-- Source data --
###

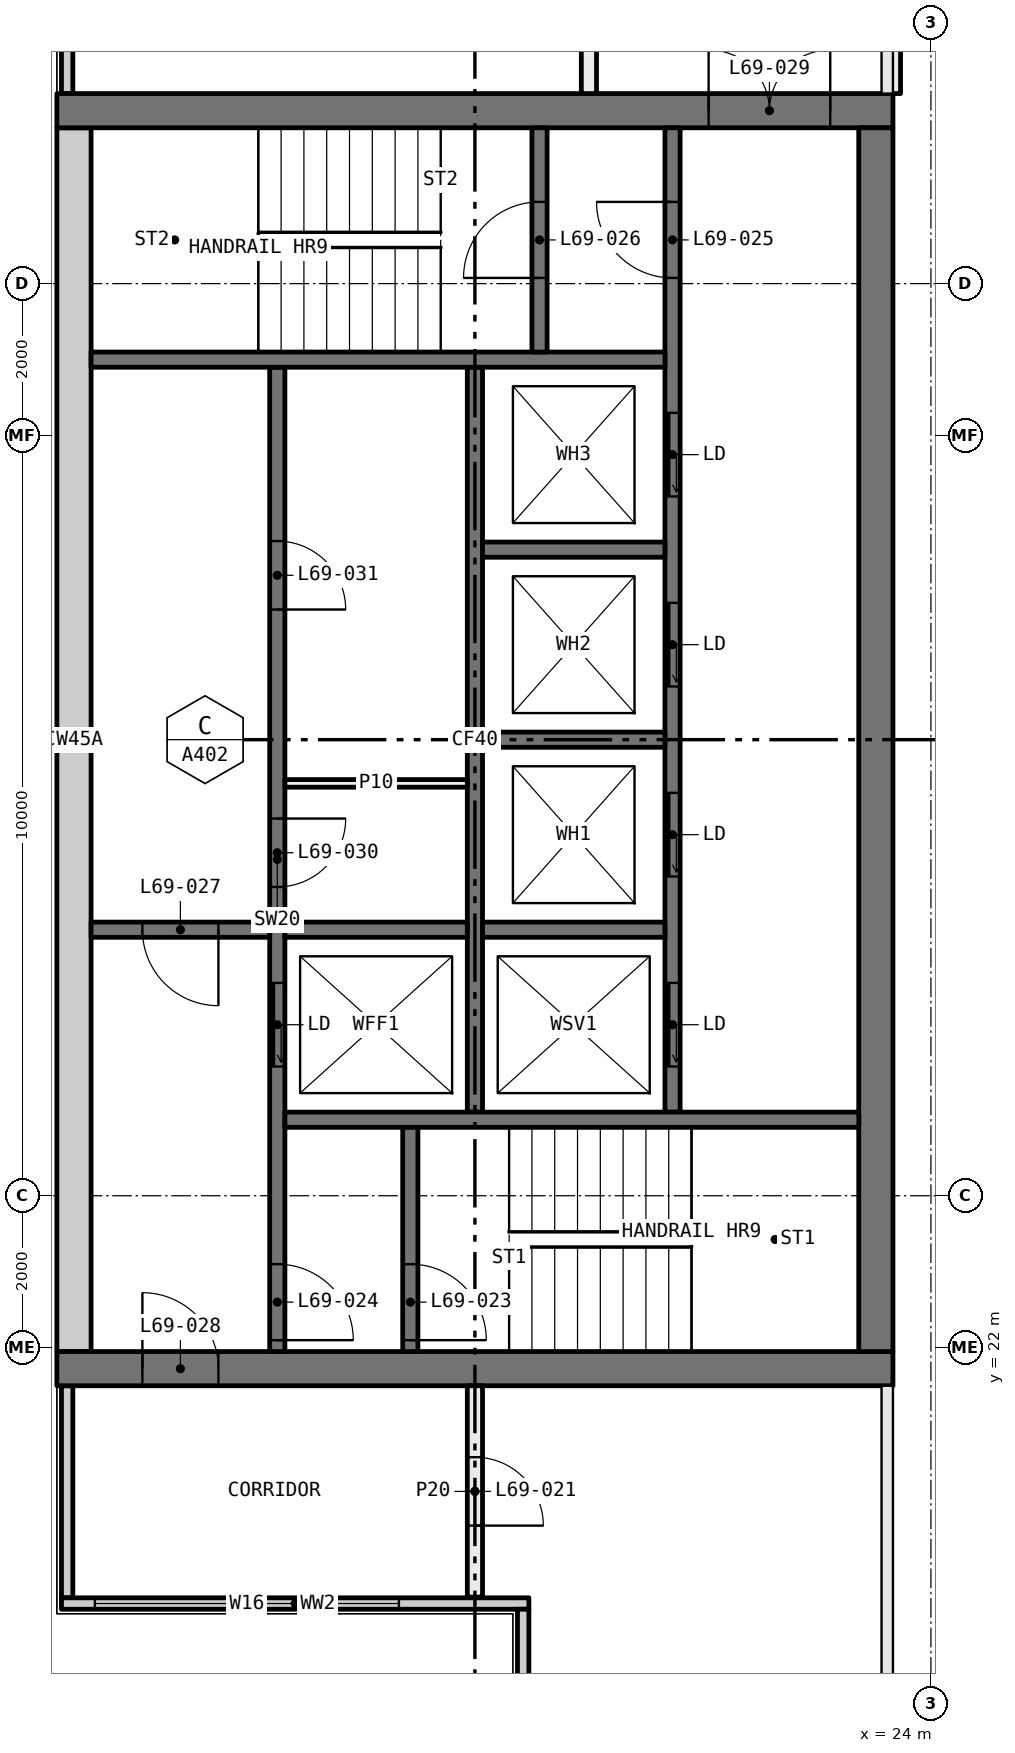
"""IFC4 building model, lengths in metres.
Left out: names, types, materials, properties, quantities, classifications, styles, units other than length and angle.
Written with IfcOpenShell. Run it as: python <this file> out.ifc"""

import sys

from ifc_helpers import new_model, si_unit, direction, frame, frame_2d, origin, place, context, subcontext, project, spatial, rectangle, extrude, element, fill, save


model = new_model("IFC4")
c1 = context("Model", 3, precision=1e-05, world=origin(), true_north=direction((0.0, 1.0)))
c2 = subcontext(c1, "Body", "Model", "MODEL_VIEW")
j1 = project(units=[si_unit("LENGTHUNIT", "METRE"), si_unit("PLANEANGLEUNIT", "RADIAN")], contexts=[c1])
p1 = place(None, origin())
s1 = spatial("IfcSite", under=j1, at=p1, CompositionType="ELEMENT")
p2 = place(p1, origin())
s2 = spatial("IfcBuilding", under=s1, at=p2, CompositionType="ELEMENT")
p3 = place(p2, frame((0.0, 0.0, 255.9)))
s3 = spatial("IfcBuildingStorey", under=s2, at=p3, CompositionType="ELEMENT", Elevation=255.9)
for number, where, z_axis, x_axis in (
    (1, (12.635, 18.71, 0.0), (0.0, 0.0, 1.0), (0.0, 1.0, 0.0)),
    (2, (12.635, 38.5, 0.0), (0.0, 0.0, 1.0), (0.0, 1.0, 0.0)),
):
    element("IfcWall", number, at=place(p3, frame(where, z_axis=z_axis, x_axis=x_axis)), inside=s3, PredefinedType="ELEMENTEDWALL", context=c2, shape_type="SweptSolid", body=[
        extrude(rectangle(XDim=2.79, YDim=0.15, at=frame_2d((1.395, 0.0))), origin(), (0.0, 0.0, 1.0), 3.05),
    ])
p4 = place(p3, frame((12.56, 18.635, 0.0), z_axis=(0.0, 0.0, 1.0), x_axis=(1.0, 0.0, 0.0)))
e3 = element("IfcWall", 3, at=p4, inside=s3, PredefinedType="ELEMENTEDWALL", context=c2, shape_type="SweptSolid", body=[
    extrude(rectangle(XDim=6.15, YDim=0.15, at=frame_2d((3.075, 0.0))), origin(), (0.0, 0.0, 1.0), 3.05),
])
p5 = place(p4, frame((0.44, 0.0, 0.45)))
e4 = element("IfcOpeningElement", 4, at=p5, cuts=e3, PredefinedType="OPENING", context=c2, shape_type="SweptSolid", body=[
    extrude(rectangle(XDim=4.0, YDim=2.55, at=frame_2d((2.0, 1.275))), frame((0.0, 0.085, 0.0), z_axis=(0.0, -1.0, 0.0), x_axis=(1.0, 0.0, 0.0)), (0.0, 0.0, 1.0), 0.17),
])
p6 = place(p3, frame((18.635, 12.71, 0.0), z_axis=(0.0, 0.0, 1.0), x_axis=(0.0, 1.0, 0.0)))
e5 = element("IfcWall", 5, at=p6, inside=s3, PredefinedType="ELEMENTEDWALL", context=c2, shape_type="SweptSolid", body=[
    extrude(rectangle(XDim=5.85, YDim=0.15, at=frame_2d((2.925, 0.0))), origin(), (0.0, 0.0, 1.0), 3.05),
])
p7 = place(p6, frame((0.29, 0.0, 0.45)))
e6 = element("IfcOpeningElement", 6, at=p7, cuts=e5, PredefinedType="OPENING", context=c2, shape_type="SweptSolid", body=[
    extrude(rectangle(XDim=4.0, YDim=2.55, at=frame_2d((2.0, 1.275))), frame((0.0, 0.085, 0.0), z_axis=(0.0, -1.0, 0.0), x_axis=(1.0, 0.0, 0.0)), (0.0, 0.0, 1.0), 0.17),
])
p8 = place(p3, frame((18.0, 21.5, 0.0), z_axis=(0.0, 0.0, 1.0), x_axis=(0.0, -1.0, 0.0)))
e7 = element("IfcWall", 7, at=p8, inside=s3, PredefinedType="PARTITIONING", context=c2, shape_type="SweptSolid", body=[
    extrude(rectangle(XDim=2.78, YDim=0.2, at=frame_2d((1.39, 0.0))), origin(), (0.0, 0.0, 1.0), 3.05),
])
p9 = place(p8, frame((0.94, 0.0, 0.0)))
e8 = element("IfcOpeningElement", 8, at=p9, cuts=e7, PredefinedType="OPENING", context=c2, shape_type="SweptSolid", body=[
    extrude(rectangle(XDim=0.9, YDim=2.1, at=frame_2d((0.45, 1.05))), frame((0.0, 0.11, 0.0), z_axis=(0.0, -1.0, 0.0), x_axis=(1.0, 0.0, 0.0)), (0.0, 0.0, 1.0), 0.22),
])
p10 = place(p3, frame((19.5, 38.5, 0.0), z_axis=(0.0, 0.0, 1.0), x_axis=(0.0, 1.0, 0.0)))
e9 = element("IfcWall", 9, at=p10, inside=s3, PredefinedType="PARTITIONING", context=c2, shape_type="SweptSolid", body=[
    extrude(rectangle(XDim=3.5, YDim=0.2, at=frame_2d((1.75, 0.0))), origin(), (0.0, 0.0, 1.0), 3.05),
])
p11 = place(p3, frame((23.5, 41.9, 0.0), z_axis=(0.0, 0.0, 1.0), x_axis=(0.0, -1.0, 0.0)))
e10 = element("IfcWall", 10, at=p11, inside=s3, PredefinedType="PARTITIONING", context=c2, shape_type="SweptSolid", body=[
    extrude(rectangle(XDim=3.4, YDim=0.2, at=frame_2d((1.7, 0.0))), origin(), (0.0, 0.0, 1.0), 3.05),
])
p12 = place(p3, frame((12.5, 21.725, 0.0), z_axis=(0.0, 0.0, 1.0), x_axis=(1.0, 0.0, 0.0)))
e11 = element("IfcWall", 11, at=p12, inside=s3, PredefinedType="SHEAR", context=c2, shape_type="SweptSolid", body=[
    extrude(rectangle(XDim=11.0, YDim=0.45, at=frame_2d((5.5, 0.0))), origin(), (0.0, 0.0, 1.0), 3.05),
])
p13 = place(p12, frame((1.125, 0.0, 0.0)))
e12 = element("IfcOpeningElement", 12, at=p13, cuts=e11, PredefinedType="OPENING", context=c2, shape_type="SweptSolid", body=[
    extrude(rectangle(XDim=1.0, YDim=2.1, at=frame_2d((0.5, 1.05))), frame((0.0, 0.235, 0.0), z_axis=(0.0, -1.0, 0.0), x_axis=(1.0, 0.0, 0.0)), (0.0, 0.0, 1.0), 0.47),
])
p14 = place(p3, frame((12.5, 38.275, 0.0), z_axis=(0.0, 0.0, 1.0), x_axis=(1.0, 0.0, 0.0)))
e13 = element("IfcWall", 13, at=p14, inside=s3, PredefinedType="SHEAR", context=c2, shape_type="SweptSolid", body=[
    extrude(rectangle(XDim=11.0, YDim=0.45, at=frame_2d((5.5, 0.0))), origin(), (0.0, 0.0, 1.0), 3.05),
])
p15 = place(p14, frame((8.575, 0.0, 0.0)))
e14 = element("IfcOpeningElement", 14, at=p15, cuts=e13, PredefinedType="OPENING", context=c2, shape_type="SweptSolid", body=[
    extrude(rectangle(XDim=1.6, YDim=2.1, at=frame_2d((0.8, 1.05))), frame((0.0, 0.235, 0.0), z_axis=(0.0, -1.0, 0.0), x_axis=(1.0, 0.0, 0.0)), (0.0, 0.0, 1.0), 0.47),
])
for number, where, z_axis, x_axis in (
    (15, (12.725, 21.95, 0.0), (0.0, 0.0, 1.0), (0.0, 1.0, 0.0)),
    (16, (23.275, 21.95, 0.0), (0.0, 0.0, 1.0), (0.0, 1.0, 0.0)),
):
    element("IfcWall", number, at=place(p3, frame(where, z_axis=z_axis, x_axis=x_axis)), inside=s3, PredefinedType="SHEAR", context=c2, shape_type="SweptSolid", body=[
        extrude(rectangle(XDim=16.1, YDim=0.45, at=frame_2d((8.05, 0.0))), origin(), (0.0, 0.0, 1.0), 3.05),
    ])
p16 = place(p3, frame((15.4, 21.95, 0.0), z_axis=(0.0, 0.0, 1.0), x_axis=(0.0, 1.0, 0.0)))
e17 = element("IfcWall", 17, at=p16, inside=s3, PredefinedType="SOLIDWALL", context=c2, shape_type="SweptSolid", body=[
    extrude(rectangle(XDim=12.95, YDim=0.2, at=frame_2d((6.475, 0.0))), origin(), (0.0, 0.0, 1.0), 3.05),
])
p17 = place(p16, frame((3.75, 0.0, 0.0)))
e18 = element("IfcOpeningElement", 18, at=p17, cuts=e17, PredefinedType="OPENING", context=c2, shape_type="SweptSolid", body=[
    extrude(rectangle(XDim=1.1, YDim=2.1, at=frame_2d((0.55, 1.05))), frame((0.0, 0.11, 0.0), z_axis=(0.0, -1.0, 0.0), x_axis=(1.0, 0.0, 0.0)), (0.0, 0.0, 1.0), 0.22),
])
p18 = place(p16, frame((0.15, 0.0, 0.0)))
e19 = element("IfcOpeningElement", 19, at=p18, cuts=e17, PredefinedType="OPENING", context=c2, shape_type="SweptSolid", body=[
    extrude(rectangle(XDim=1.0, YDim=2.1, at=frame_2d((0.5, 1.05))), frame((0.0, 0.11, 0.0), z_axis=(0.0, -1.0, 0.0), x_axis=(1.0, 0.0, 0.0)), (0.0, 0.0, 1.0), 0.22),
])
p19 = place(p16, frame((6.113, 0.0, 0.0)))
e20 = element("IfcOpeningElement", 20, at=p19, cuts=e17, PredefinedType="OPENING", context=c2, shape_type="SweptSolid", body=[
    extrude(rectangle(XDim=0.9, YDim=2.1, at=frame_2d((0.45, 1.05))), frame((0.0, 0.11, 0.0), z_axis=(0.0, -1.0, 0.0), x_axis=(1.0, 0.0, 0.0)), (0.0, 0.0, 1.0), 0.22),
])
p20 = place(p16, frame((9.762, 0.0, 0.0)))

###

-- Task instructions --
The required output is a copy of each line in the records where the string "spatial" occurs.

-- Response to this task --
from ifc_helpers import new_model, si_unit, direction, frame, frame_2d, origin, place, context, subcontext, project, spatial, rectangle, extrude, element, fill, save
s1 = spatial("IfcSite", under=j1, at=p1, CompositionType="ELEMENT")
s2 = spatial("IfcBuilding", under=s1, at=p2, CompositionType="ELEMENT")
s3 = spatial("IfcBuildingStorey", under=s2, at=p3, CompositionType="ELEMENT", Elevation=255.9)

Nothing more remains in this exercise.